* **Directions for this task**:
Within the records below is a range that opens at the line with "world=origin(), true_north=direction((0.0, 1.0)))" and closes at the line with "p1 = place(None, origin())". Return that range word for word, both ends included, and only that range.

*** Data provided ***

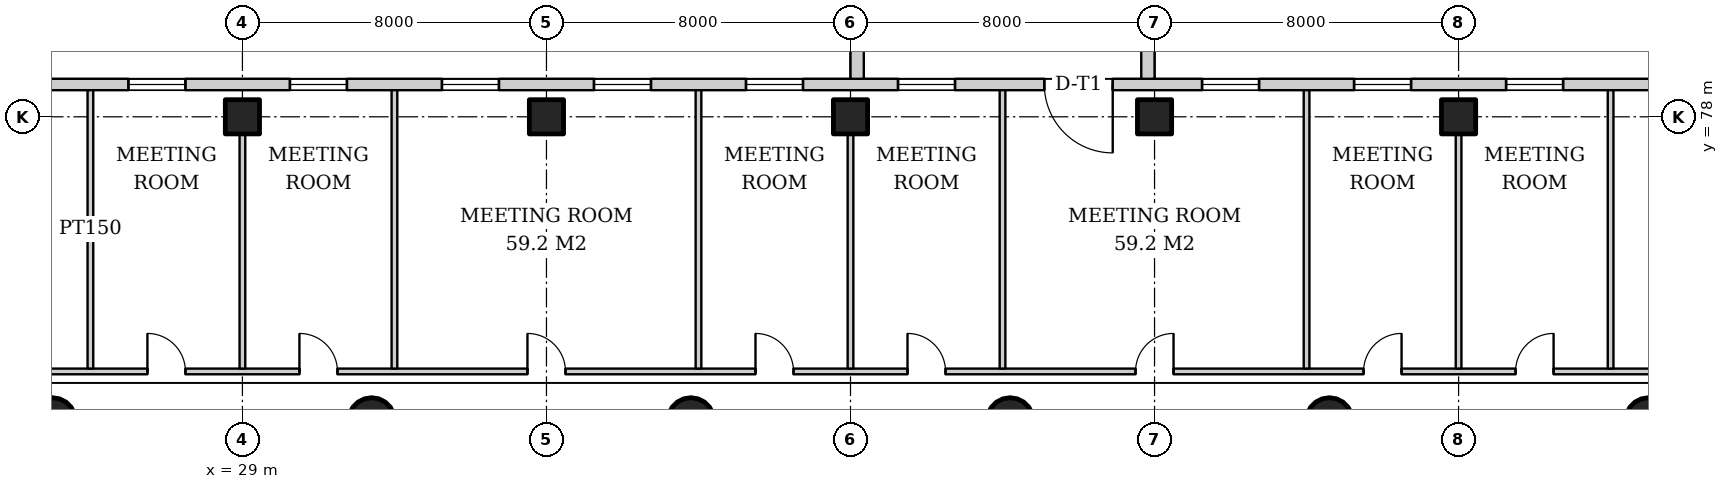
"""IFC4 building model, lengths in metres.
Left out: names, types, materials, properties, quantities, classifications, styles, units other than length and angle.
Written with IfcOpenShell. Run it as: python <this file> out.ifc"""

import sys

from ifc_helpers import new_model, si_unit, direction, frame, frame_2d, origin, origin_2d, place, context, subcontext, project, spatial, rectangle, hollow_circle, extrude, element, fill, save


model = new_model("IFC4")
c1 = context("Model", 3, precision=1e-05, world=origin(), true_north=direction((0.0, 1.0)))
c2 = subcontext(c1, "Body", "Model", "MODEL_VIEW")
j1 = project(units=[si_unit("LENGTHUNIT", "METRE"), si_unit("PLANEANGLEUNIT", "RADIAN")], contexts=[c1])
p1 = place(None, origin())
s1 = spatial("IfcSite", under=j1, at=p1, CompositionType="ELEMENT")
p2 = place(p1, origin())
s2 = spatial("IfcBuilding", under=s1, at=p2, CompositionType="ELEMENT")
p3 = place(p2, frame((0.0, 0.0, 11.0)))
s3 = spatial("IfcBuildingStorey", under=s2, at=p3, CompositionType="ELEMENT", Elevation=11.0)
for number, where, z_axis, x_axis in (
    (1, (29.0, 78.0, 0.0), (0.0, 0.0, 1.0), (1.0, 0.0, 0.0)),
    (2, (37.0, 78.0, 0.0), (0.0, 0.0, 1.0), (1.0, 0.0, 0.0)),
    (3, (45.0, 78.0, 0.0), (0.0, 0.0, 1.0), (1.0, 0.0, 0.0)),
    (4, (53.0, 78.0, 0.0), (0.0, 0.0, 1.0), (1.0, 0.0, 0.0)),
    (5, (61.0, 78.0, 0.0), (0.0, 0.0, 1.0), (1.0, 0.0, 0.0)),
):
    element("IfcColumn", number, at=place(p3, frame(where, z_axis=z_axis, x_axis=x_axis)), inside=s3, PredefinedType="COLUMN", context=c2, shape_type="SweptSolid", body=[
        extrude(rectangle(XDim=0.9, YDim=0.9, at=origin_2d()), origin(), (0.0, 0.0, 1.0), 5.0),
    ])
for number, where, z_axis, x_axis in (
    (6, (66.0, 70.0, 0.0), (0.0, 0.0, 1.0), (1.0, 0.0, 0.0)),
    (7, (24.0, 70.0, 0.0), (0.0, 0.0, 1.0), (1.0, 0.0, 0.0)),
    (8, (57.6, 70.0, 0.0), (0.0, 0.0, 1.0), (1.0, 0.0, 0.0)),
    (9, (49.2, 70.0, 0.0), (0.0, 0.0, 1.0), (1.0, 0.0, 0.0)),
    (10, (40.8, 70.0, 0.0), (0.0, 0.0, 1.0), (1.0, 0.0, 0.0)),
    (11, (32.4, 70.0, 0.0), (0.0, 0.0, 1.0), (1.0, 0.0, 0.0)),
):
    element("IfcColumn", number, at=place(p3, frame(where, z_axis=z_axis, x_axis=x_axis)), inside=s3, PredefinedType="COLUMN", context=c2, shape_type="SweptSolid", body=[
        extrude(hollow_circle(Radius=0.61, WallThickness=0.04, at=origin_2d()), origin(), (0.0, 0.0, 1.0), 5.0),
    ])
p4 = place(p3, frame((78.0, 78.85, 0.0), z_axis=(0.0, 0.0, 1.0), x_axis=(-1.0, 0.0, 0.0)))
e12 = element("IfcWall", 12, at=p4, inside=s3, PredefinedType="SOLIDWALL", context=c2, shape_type="SweptSolid", body=[
    extrude(rectangle(XDim=58.0, YDim=0.3, at=frame_2d((29.0, 0.0))), origin(), (0.0, 0.0, 1.0), 4.7),
])
p5 = place(p4, frame((1.5, 0.0, 0.9)))
e13 = element("IfcOpeningElement", 13, at=p5, cuts=e12, PredefinedType="OPENING", context=c2, shape_type="SweptSolid", body=[
    extrude(rectangle(XDim=1.5, YDim=3.2, at=frame_2d((0.75, 1.6))), frame((0.0, 0.16, 0.0), z_axis=(0.0, -1.0, 0.0), x_axis=(1.0, 0.0, 0.0)), (0.0, 0.0, 1.0), 0.32),
])
p6 = place(p4, frame((6.0, 0.0, 0.9)))
e14 = element("IfcOpeningElement", 14, at=p6, cuts=e12, PredefinedType="OPENING", context=c2, shape_type="SweptSolid", body=[
    extrude(rectangle(XDim=1.5, YDim=3.2, at=frame_2d((0.75, 1.6))), frame((0.0, 0.16, 0.0), z_axis=(0.0, -1.0, 0.0), x_axis=(1.0, 0.0, 0.0)), (0.0, 0.0, 1.0), 0.32),
])
p7 = place(p4, frame((10.25, 0.0, 0.9)))
e15 = element("IfcOpeningElement", 15, at=p7, cuts=e12, PredefinedType="OPENING", context=c2, shape_type="SweptSolid", body=[
    extrude(rectangle(XDim=1.5, YDim=3.2, at=frame_2d((0.75, 1.6))), frame((0.0, 0.16, 0.0), z_axis=(0.0, -1.0, 0.0), x_axis=(1.0, 0.0, 0.0)), (0.0, 0.0, 1.0), 0.32),
])
p8 = place(p4, frame((14.25, 0.0, 0.9)))
e16 = element("IfcOpeningElement", 16, at=p8, cuts=e12, PredefinedType="OPENING", context=c2, shape_type="SweptSolid", body=[
    extrude(rectangle(XDim=1.5, YDim=3.2, at=frame_2d((0.75, 1.6))), frame((0.0, 0.16, 0.0), z_axis=(0.0, -1.0, 0.0), x_axis=(1.0, 0.0, 0.0)), (0.0, 0.0, 1.0), 0.32),
])
p9 = place(p4, frame((18.25, 0.0, 0.9)))
e17 = element("IfcOpeningElement", 17, at=p9, cuts=e12, PredefinedType="OPENING", context=c2, shape_type="SweptSolid", body=[
    extrude(rectangle(XDim=1.5, YDim=3.2, at=frame_2d((0.75, 1.6))), frame((0.0, 0.16, 0.0), z_axis=(0.0, -1.0, 0.0), x_axis=(1.0, 0.0, 0.0)), (0.0, 0.0, 1.0), 0.32),
])
p10 = place(p4, frame((22.25, 0.0, 0.9)))
e18 = element("IfcOpeningElement", 18, at=p10, cuts=e12, PredefinedType="OPENING", context=c2, shape_type="SweptSolid", body=[
    extrude(rectangle(XDim=1.5, YDim=3.2, at=frame_2d((0.75, 1.6))), frame((0.0, 0.16, 0.0), z_axis=(0.0, -1.0, 0.0), x_axis=(1.0, 0.0, 0.0)), (0.0, 0.0, 1.0), 0.32),
])
p11 = place(p4, frame((26.1, 0.0, 0.0)))
e19 = element("IfcOpeningElement", 19, at=p11, cuts=e12, PredefinedType="OPENING", context=c2, shape_type="SweptSolid", body=[
    extrude(rectangle(XDim=1.8, YDim=2.4, at=frame_2d((0.9, 1.2))), frame((0.0, 0.16, 0.0), z_axis=(0.0, -1.0, 0.0), x_axis=(1.0, 0.0, 0.0)), (0.0, 0.0, 1.0), 0.32),
])
p12 = place(p4, frame((30.25, 0.0, 0.9)))
e20 = element("IfcOpeningElement", 20, at=p12, cuts=e12, PredefinedType="OPENING", context=c2, shape_type="SweptSolid", body=[
    extrude(rectangle(XDim=1.5, YDim=3.2, at=frame_2d((0.75, 1.6))), frame((0.0, 0.16, 0.0), z_axis=(0.0, -1.0, 0.0), x_axis=(1.0, 0.0, 0.0)), (0.0, 0.0, 1.0), 0.32),
])
p13 = place(p4, frame((34.25, 0.0, 0.9)))
e21 = element("IfcOpeningElement", 21, at=p13, cuts=e12, PredefinedType="OPENING", context=c2, shape_type="SweptSolid", body=[
    extrude(rectangle(XDim=1.5, YDim=3.2, at=frame_2d((0.75, 1.6))), frame((0.0, 0.16, 0.0), z_axis=(0.0, -1.0, 0.0), x_axis=(1.0, 0.0, 0.0)), (0.0, 0.0, 1.0), 0.32),
])
p14 = place(p4, frame((38.25, 0.0, 0.9)))
e22 = element("IfcOpeningElement", 22, at=p14, cuts=e12, PredefinedType="OPENING", context=c2, shape_type="SweptSolid", body=[
    extrude(rectangle(XDim=1.5, YDim=3.2, at=frame_2d((0.75, 1.6))), frame((0.0, 0.16, 0.0), z_axis=(0.0, -1.0, 0.0), x_axis=(1.0, 0.0, 0.0)), (0.0, 0.0, 1.0), 0.32),
])
p15 = place(p4, frame((42.25, 0.0, 0.9)))
e23 = element("IfcOpeningElement", 23, at=p15, cuts=e12, PredefinedType="OPENING", context=c2, shape_type="SweptSolid", body=[
    extrude(rectangle(XDim=1.5, YDim=3.2, at=frame_2d((0.75, 1.6))), frame((0.0, 0.16, 0.0), z_axis=(0.0, -1.0, 0.0), x_axis=(1.0, 0.0, 0.0)), (0.0, 0.0, 1.0), 0.32),
])
p16 = place(p4, frame((46.25, 0.0, 0.9)))
e24 = element("IfcOpeningElement", 24, at=p16, cuts=e12, PredefinedType="OPENING", context=c2, shape_type="SweptSolid", body=[
    extrude(rectangle(XDim=1.5, YDim=3.2, at=frame_2d((0.75, 1.6))), frame((0.0, 0.16, 0.0), z_axis=(0.0, -1.0, 0.0), x_axis=(1.0, 0.0, 0.0)), (0.0, 0.0, 1.0), 0.32),
])
p17 = place(p4, frame((50.5, 0.0, 0.9)))
e25 = element("IfcOpeningElement", 25, at=p17, cuts=e12, PredefinedType="OPENING", context=c2, shape_type="SweptSolid", body=[
    extrude(rectangle(XDim=1.5, YDim=3.2, at=frame_2d((0.75, 1.6))), frame((0.0, 0.16, 0.0), z_axis=(0.0, -1.0, 0.0), x_axis=(1.0, 0.0, 0.0)), (0.0, 0.0, 1.0), 0.32),
])
p18 = place(p4, frame((55.0, 0.0, 0.9)))
e26 = element("IfcOpeningElement", 26, at=p18, cuts=e12, PredefinedType="OPENING", context=c2, shape_type="SweptSolid", body=[
    extrude(rectangle(XDim=1.5, YDim=3.2, at=frame_2d((0.75, 1.6))), frame((0.0, 0.16, 0.0), z_axis=(0.0, -1.0, 0.0), x_axis=(1.0, 0.0, 0.0)), (0.0, 0.0, 1.0), 0.32),
])
for number, where, z_axis, x_axis in (
    (27, (45.175, 79.0, 0.0), (0.0, 0.0, 1.0), (0.0, 1.0, 0.0)),
    (28, (52.825, 79.0, 0.0), (0.0, 0.0, 1.0), (0.0, 1.0, 0.0)),
):
    element("IfcWall", number, at=place(p3, frame(where, z_axis=z_axis, x_axis=x_axis)), inside=s3, PredefinedType="PARAPET", context=c2, shape_type="SweptSolid", body=[
        extrude(rectangle(XDim=8.0, YDim=0.35, at=frame_2d((4.0, 0.0))), origin(), (0.0, 0.0, 1.0), 1.1),
    ])
p19 = place(p3, frame((20.3, 71.3, 0.0), z_axis=(0.0, 0.0, 1.0), x_axis=(1.0, 0.0, 0.0)))
e29 = element("IfcWall", 29, at=p19, inside=s3, PredefinedType="PARTITIONING", context=c2, shape_type="SweptSolid", body=[
    extrude(rectangle(XDim=57.4, YDim=0.15, at=frame_2d((28.7, 0.0))), origin(), (0.0, 0.0, 1.0), 3.2),
])
p20 = place(p19, frame((1.85, 0.0, 0.0)))
e30 = element("IfcOpeningElement", 30, at=p20, cuts=e29, PredefinedType="OPENING", context=c2, shape_type="SweptSolid", body=[
    extrude(rectangle(XDim=1.0, YDim=2.1, at=frame_2d((0.5, 1.05))), frame((0.0, 0.085, 0.0), z_axis=(0.0, -1.0, 0.0), x_axis=(1.0, 0.0, 0.0)), (0.0, 0.0, 1.0), 0.17),
])
p21 = place(p19, frame((6.2, 0.0, 0.0)))
e31 = element("IfcOpeningElement", 31, at=p21, cuts=e29, PredefinedType="OPENING", context=c2, shape_type="SweptSolid", body=[
    extrude(rectangle(XDim=1.0, YDim=2.1, at=frame_2d((0.5, 1.05))), frame((0.0, 0.085, 0.0), z_axis=(0.0, -1.0, 0.0), x_axis=(1.0, 0.0, 0.0)), (0.0, 0.0, 1.0), 0.17),
])
p22 = place(p19, frame((10.2, 0.0, 0.0)))
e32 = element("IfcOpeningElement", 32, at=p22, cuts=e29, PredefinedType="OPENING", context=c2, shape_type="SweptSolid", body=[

***

* **Written solution**:
c1 = context("Model", 3, precision=1e-05, world=origin(), true_north=direction((0.0, 1.0)))
c2 = subcontext(c1, "Body", "Model", "MODEL_VIEW")
j1 = project(units=[si_unit("LENGTHUNIT", "METRE"), si_unit("PLANEANGLEUNIT", "RADIAN")], contexts=[c1])
p1 = place(None, origin())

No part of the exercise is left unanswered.